_Source material_:
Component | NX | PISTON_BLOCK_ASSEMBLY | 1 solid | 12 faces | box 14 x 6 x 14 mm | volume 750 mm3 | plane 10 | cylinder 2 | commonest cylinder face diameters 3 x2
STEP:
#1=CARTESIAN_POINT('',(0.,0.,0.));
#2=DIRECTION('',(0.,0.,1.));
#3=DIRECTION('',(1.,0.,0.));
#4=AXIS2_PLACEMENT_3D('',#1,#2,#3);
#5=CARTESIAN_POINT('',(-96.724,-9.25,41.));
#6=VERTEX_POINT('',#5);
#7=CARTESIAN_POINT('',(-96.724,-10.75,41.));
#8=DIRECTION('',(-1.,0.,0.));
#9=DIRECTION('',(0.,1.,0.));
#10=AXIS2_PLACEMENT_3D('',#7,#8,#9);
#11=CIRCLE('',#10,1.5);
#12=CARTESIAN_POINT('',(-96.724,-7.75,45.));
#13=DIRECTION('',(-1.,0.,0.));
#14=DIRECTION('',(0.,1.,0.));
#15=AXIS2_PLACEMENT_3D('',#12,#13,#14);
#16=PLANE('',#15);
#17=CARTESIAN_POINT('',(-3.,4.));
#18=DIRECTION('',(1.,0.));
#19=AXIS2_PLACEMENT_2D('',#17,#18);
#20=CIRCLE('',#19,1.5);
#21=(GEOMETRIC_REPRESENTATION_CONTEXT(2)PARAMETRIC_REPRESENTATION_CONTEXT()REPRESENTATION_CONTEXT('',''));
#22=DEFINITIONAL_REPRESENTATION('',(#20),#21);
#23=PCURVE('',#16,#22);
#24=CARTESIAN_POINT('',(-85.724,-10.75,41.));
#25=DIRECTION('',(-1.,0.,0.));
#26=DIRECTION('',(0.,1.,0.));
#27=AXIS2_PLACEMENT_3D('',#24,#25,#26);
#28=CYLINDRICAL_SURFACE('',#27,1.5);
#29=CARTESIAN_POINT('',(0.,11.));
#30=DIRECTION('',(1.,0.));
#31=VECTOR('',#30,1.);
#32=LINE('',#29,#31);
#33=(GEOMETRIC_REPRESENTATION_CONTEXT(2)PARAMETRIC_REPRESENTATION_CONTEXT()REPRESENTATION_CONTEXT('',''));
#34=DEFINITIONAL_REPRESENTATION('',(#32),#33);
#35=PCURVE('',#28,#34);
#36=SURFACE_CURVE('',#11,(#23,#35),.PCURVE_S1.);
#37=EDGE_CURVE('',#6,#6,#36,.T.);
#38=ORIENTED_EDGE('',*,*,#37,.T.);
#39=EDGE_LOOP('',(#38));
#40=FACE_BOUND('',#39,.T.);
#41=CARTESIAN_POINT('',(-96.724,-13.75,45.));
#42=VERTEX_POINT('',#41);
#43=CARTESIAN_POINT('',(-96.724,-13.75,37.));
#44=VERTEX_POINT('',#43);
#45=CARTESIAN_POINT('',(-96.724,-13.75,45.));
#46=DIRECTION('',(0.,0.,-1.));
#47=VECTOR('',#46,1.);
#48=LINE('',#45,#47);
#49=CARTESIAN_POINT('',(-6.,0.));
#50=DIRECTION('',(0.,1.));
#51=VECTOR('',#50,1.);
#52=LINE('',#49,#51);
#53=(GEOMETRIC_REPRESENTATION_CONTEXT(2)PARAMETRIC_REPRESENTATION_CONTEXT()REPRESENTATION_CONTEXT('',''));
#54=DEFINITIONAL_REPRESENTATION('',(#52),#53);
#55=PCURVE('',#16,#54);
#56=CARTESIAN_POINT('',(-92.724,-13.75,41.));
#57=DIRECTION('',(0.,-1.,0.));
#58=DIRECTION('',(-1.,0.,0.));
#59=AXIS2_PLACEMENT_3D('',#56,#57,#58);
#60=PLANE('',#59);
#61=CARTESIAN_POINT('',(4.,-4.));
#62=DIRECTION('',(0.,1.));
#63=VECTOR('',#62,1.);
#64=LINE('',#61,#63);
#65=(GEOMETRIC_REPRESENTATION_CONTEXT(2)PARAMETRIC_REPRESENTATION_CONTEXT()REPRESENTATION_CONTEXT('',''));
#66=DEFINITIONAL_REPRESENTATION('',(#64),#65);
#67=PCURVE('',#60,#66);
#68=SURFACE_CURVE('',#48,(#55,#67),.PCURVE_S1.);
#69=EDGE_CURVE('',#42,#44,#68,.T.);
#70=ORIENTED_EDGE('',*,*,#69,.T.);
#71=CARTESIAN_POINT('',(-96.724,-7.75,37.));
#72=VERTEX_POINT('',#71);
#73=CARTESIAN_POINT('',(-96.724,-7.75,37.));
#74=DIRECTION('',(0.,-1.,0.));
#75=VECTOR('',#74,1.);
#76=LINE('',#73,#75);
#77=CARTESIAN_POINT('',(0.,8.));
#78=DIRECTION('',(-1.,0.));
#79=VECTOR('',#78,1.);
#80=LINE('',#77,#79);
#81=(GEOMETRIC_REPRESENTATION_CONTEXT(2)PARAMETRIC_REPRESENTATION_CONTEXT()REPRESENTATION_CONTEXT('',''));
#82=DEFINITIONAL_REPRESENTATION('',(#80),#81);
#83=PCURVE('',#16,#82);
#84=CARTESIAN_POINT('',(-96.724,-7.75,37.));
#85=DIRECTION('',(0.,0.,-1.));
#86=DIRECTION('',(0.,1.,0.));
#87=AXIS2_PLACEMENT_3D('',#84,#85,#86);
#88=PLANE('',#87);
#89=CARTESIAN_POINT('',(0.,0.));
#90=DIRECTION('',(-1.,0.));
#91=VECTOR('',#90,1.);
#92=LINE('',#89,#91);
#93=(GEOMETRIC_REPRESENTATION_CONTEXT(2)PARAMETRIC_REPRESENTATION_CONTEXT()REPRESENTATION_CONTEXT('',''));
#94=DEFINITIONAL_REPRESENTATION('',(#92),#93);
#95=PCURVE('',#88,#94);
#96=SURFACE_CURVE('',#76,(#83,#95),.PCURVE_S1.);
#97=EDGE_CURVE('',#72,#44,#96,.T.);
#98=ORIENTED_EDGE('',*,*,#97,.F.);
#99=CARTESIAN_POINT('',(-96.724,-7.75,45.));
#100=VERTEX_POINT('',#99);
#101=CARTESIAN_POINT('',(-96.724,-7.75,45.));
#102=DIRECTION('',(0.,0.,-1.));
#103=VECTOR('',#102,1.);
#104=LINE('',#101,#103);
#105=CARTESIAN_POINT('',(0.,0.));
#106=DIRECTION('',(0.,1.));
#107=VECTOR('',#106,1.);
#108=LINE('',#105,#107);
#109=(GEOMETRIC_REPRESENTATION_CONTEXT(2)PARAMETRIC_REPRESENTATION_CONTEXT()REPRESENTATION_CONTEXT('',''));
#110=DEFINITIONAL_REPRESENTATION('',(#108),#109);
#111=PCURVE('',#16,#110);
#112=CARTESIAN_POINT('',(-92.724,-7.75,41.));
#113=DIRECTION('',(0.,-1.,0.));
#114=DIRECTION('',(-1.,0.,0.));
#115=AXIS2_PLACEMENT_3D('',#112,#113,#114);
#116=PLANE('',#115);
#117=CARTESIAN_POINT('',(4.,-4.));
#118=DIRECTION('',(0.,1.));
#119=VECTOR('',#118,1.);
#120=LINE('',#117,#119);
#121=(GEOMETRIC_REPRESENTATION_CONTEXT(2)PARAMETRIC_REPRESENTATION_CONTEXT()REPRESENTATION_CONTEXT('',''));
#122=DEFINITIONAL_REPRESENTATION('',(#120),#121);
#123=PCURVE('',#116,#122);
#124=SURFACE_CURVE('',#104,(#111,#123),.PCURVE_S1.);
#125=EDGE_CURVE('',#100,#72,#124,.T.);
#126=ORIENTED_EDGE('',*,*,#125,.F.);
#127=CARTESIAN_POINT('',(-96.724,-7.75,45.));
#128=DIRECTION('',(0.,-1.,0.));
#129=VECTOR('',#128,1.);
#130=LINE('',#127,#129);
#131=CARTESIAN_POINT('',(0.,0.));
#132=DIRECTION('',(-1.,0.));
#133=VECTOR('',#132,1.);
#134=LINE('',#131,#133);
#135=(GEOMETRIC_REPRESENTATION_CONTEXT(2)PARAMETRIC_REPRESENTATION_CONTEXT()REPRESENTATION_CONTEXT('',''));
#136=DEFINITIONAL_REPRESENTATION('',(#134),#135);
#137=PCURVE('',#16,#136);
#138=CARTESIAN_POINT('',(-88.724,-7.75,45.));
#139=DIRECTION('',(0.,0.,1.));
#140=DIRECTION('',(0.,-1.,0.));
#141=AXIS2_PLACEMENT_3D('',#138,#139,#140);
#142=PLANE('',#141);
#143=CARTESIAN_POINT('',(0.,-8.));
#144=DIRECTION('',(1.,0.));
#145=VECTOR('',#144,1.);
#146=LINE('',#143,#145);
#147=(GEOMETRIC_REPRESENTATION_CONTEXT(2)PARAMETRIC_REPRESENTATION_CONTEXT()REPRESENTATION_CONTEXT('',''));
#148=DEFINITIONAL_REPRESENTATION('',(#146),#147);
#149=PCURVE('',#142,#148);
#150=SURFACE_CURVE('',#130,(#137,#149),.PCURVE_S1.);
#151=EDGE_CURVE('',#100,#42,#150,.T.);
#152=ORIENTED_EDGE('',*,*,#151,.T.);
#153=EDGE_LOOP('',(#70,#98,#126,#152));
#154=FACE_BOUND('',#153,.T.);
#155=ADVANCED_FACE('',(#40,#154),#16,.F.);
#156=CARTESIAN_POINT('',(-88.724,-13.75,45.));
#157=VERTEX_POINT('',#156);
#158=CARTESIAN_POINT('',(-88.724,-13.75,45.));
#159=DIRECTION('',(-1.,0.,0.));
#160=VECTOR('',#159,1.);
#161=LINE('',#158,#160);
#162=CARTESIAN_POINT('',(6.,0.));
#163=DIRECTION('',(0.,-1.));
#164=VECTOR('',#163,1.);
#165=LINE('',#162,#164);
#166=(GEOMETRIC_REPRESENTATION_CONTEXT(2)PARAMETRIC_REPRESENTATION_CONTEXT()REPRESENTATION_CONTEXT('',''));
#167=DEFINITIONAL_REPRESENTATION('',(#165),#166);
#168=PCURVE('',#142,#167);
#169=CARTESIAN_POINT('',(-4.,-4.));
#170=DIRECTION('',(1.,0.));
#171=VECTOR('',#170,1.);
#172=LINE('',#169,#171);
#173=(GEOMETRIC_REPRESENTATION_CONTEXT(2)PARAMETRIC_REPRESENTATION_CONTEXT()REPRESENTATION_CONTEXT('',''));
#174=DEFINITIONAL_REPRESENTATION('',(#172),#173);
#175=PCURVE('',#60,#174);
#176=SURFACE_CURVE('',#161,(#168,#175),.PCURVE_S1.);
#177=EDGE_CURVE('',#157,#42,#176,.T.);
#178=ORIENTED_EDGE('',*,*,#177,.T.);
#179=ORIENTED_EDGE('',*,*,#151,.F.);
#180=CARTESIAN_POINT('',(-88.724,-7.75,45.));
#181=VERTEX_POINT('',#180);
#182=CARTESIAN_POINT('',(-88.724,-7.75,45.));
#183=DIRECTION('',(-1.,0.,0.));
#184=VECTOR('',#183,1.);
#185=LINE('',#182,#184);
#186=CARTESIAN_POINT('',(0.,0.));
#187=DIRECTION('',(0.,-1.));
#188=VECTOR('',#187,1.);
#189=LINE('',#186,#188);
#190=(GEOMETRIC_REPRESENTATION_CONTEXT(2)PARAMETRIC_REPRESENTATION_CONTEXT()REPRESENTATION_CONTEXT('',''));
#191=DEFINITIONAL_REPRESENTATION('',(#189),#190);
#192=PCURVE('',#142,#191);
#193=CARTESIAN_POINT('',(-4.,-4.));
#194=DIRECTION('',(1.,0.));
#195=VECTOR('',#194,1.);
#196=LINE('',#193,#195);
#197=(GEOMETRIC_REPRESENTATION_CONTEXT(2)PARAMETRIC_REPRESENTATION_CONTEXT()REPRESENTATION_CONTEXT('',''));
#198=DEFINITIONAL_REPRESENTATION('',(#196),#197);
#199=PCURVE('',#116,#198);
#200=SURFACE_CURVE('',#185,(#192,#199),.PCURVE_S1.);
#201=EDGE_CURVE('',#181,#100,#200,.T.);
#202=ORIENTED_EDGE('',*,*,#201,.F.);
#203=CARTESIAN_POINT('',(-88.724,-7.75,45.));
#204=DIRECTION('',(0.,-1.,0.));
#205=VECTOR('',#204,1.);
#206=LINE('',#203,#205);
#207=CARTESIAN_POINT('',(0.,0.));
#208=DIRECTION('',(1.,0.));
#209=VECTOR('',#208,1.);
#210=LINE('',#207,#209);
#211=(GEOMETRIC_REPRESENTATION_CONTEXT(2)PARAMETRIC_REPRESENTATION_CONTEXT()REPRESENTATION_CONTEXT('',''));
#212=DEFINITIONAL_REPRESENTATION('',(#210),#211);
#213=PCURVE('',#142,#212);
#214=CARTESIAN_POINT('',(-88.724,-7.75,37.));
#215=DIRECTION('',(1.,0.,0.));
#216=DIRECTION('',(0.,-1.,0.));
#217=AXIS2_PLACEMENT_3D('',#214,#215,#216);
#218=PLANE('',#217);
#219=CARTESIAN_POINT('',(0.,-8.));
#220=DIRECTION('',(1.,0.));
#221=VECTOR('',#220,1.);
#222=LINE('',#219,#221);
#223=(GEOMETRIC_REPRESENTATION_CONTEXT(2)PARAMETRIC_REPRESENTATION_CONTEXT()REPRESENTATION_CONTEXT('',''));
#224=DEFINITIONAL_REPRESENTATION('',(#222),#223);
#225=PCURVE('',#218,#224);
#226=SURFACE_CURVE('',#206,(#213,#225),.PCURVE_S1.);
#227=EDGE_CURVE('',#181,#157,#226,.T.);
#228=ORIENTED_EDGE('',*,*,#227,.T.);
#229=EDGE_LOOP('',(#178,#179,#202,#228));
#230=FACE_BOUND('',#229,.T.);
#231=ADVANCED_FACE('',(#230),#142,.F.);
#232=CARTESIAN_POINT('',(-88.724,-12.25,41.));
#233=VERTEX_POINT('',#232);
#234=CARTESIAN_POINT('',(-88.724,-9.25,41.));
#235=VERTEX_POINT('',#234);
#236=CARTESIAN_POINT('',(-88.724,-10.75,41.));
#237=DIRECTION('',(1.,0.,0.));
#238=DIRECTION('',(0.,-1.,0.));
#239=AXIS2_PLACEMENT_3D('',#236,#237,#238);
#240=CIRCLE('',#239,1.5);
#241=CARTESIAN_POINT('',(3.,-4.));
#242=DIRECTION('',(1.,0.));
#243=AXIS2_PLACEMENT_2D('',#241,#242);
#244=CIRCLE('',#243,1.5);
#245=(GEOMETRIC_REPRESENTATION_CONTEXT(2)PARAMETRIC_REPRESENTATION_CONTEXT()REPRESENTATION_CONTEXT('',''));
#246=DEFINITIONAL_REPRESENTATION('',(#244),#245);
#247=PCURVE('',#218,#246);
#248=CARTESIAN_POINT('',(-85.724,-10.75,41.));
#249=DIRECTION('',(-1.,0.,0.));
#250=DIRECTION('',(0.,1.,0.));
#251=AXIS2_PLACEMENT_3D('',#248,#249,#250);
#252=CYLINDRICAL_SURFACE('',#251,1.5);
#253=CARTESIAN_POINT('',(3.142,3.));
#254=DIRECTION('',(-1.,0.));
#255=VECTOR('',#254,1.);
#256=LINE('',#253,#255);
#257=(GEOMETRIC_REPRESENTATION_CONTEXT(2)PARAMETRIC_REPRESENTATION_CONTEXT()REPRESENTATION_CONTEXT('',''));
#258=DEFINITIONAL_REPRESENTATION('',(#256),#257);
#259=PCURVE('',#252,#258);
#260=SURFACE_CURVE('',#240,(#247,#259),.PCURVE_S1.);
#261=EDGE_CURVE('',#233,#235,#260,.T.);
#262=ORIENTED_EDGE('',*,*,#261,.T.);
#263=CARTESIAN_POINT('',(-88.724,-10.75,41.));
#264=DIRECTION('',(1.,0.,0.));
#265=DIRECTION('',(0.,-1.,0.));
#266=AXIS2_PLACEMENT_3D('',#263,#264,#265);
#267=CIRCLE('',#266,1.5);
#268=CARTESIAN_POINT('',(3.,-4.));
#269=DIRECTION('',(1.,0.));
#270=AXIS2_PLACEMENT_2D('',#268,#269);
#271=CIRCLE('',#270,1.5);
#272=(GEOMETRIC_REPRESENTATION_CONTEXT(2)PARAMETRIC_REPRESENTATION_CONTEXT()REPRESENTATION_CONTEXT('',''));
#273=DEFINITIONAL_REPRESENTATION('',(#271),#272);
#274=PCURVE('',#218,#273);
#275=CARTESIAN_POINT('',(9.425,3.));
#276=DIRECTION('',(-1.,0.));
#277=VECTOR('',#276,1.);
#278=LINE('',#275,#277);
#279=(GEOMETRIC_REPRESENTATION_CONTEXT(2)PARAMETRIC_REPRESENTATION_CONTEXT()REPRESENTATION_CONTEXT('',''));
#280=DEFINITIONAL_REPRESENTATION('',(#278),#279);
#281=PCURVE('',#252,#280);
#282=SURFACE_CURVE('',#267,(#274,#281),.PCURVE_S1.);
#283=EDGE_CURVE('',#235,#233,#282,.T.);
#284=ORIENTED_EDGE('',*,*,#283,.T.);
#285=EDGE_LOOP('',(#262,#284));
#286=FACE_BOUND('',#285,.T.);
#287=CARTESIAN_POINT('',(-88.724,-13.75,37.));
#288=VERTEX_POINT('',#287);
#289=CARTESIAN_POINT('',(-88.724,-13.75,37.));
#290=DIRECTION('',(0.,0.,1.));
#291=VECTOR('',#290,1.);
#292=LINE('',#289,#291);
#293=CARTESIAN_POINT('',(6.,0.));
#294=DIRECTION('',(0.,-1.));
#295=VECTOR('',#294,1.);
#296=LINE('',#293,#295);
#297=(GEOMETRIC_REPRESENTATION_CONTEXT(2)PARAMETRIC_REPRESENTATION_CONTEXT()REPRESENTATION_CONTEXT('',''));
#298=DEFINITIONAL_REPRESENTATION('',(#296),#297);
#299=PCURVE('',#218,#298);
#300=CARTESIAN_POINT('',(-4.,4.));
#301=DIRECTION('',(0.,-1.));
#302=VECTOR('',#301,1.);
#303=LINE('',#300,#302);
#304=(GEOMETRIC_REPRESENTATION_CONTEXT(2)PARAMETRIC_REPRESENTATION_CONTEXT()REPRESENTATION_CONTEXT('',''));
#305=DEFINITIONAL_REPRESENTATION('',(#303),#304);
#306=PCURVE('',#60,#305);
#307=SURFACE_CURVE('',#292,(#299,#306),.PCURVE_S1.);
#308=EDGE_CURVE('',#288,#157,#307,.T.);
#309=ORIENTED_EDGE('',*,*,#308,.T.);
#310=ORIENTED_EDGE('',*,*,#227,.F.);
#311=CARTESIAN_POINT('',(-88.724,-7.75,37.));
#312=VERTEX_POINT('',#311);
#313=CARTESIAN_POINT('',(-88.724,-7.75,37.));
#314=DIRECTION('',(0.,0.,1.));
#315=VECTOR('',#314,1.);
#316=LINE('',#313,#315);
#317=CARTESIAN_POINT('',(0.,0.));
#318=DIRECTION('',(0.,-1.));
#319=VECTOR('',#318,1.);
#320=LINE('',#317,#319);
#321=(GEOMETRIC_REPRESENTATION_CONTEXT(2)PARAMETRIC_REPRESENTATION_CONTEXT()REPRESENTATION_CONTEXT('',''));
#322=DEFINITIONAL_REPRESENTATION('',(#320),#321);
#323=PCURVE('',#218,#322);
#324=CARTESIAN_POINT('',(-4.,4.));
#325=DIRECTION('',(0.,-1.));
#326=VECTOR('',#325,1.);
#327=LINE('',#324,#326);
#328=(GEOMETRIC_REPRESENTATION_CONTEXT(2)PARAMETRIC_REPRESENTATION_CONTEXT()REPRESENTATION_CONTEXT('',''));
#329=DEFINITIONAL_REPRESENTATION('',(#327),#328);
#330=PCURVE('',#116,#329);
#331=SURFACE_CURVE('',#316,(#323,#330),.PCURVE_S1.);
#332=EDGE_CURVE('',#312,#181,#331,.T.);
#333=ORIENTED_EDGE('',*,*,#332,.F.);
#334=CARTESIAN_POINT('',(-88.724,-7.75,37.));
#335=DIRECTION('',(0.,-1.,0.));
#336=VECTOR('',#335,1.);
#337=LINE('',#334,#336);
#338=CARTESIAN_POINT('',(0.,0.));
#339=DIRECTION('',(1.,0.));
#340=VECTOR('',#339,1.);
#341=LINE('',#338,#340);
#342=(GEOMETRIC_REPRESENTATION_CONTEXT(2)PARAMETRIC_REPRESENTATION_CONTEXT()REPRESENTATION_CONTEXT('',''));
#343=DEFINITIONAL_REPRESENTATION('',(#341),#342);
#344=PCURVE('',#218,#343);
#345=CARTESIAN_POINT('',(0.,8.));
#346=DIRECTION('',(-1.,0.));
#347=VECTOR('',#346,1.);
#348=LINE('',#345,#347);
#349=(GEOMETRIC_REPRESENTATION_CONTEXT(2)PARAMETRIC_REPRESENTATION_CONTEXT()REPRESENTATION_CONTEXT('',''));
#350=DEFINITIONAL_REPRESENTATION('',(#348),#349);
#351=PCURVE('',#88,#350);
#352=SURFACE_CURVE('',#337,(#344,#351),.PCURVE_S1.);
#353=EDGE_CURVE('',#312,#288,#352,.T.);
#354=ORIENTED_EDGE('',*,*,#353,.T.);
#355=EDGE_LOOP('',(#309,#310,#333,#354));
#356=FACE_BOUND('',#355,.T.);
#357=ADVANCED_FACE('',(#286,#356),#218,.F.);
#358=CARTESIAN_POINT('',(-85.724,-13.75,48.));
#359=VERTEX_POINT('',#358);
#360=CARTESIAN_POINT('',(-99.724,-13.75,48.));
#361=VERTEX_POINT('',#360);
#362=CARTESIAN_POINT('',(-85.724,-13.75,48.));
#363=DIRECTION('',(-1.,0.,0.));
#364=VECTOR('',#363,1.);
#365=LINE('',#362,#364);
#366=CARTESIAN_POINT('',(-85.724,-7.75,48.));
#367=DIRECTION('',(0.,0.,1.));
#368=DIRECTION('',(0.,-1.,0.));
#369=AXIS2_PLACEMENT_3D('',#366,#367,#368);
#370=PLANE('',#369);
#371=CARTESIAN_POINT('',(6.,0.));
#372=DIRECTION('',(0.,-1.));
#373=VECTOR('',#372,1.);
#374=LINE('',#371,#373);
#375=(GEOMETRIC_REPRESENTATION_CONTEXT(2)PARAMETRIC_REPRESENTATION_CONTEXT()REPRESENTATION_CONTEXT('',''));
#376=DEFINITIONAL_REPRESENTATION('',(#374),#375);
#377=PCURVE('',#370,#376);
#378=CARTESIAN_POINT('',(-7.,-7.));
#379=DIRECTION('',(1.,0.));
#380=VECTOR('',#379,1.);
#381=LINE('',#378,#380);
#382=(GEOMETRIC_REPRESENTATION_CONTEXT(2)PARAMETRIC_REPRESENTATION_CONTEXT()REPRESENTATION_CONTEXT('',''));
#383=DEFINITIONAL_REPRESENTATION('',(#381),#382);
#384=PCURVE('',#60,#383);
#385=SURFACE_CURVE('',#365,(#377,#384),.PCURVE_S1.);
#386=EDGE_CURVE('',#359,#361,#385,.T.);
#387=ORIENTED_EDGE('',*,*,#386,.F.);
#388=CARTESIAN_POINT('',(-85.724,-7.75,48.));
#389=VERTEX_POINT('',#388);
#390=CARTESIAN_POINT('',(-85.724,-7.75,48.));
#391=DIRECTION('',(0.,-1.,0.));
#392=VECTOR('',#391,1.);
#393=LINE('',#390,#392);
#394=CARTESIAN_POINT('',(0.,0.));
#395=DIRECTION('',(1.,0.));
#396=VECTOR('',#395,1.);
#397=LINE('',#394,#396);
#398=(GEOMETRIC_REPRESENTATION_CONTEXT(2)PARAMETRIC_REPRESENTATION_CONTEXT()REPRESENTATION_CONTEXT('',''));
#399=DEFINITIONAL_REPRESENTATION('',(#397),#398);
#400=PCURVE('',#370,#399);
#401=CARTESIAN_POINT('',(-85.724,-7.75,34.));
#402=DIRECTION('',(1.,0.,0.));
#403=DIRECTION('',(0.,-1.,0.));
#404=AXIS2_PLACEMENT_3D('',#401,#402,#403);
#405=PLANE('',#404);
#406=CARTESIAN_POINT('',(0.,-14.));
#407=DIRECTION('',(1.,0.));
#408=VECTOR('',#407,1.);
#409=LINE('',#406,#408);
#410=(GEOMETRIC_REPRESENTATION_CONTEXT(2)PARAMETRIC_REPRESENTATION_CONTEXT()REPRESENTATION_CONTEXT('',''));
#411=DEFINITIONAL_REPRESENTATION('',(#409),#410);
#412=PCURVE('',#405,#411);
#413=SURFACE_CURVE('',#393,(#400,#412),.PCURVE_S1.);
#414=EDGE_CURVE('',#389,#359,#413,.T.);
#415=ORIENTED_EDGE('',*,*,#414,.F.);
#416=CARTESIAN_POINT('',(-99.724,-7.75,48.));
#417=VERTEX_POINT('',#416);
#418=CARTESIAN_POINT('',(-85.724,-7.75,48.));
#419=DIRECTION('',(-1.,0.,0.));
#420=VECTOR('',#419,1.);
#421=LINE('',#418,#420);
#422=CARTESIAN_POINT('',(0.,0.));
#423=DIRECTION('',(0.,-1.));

_About this exercise_: Quote the data above from the line containing "#221=VECTOR('',#220,1.);" to the line containing "#278=LINE('',#275,#277);", inclusive, and stop.

_Answer to the problem_:
#221=VECTOR('',#220,1.);
#222=LINE('',#219,#221);
#223=(GEOMETRIC_REPRESENTATION_CONTEXT(2)PARAMETRIC_REPRESENTATION_CONTEXT()REPRESENTATION_CONTEXT('',''));
#224=DEFINITIONAL_REPRESENTATION('',(#222),#223);
#225=PCURVE('',#218,#224);
#226=SURFACE_CURVE('',#206,(#213,#225),.PCURVE_S1.);
#227=EDGE_CURVE('',#181,#157,#226,.T.);
#228=ORIENTED_EDGE('',*,*,#227,.T.);
#229=EDGE_LOOP('',(#178,#179,#202,#228));
#230=FACE_BOUND('',#229,.T.);
#231=ADVANCED_FACE('',(#230),#142,.F.);
#232=CARTESIAN_POINT('',(-88.724,-12.25,41.));
#233=VERTEX_POINT('',#232);
#234=CARTESIAN_POINT('',(-88.724,-9.25,41.));
#235=VERTEX_POINT('',#234);
#236=CARTESIAN_POINT('',(-88.724,-10.75,41.));
#237=DIRECTION('',(1.,0.,0.));
#238=DIRECTION('',(0.,-1.,0.));
#239=AXIS2_PLACEMENT_3D('',#236,#237,#238);
#240=CIRCLE('',#239,1.5);
#241=CARTESIAN_POINT('',(3.,-4.));
#242=DIRECTION('',(1.,0.));
#243=AXIS2_PLACEMENT_2D('',#241,#242);
#244=CIRCLE('',#243,1.5);
#245=(GEOMETRIC_REPRESENTATION_CONTEXT(2)PARAMETRIC_REPRESENTATION_CONTEXT()REPRESENTATION_CONTEXT('',''));
#246=DEFINITIONAL_REPRESENTATION('',(#244),#245);
#247=PCURVE('',#218,#246);
#248=CARTESIAN_POINT('',(-85.724,-10.75,41.));
#249=DIRECTION('',(-1.,0.,0.));
#250=DIRECTION('',(0.,1.,0.));
#251=AXIS2_PLACEMENT_3D('',#248,#249,#250);
#252=CYLINDRICAL_SURFACE('',#251,1.5);
#253=CARTESIAN_POINT('',(3.142,3.));
#254=DIRECTION('',(-1.,0.));
#255=VECTOR('',#254,1.);
#256=LINE('',#253,#255);
#257=(GEOMETRIC_REPRESENTATION_CONTEXT(2)PARAMETRIC_REPRESENTATION_CONTEXT()REPRESENTATION_CONTEXT('',''));
#258=DEFINITIONAL_REPRESENTATION('',(#256),#257);
#259=PCURVE('',#252,#258);
#260=SURFACE_CURVE('',#240,(#247,#259),.PCURVE_S1.);
#261=EDGE_CURVE('',#233,#235,#260,.T.);
#262=ORIENTED_EDGE('',*,*,#261,.T.);
#263=CARTESIAN_POINT('',(-88.724,-10.75,41.));
#264=DIRECTION('',(1.,0.,0.));
#265=DIRECTION('',(0.,-1.,0.));
#266=AXIS2_PLACEMENT_3D('',#263,#264,#265);
#267=CIRCLE('',#266,1.5);
#268=CARTESIAN_POINT('',(3.,-4.));
#269=DIRECTION('',(1.,0.));
#270=AXIS2_PLACEMENT_2D('',#268,#269);
#271=CIRCLE('',#270,1.5);
#272=(GEOMETRIC_REPRESENTATION_CONTEXT(2)PARAMETRIC_REPRESENTATION_CONTEXT()REPRESENTATION_CONTEXT('',''));
#273=DEFINITIONAL_REPRESENTATION('',(#271),#272);
#274=PCURVE('',#218,#273);
#275=CARTESIAN_POINT('',(9.425,3.));
#276=DIRECTION('',(-1.,0.));
#277=VECTOR('',#276,1.);
#278=LINE('',#275,#277);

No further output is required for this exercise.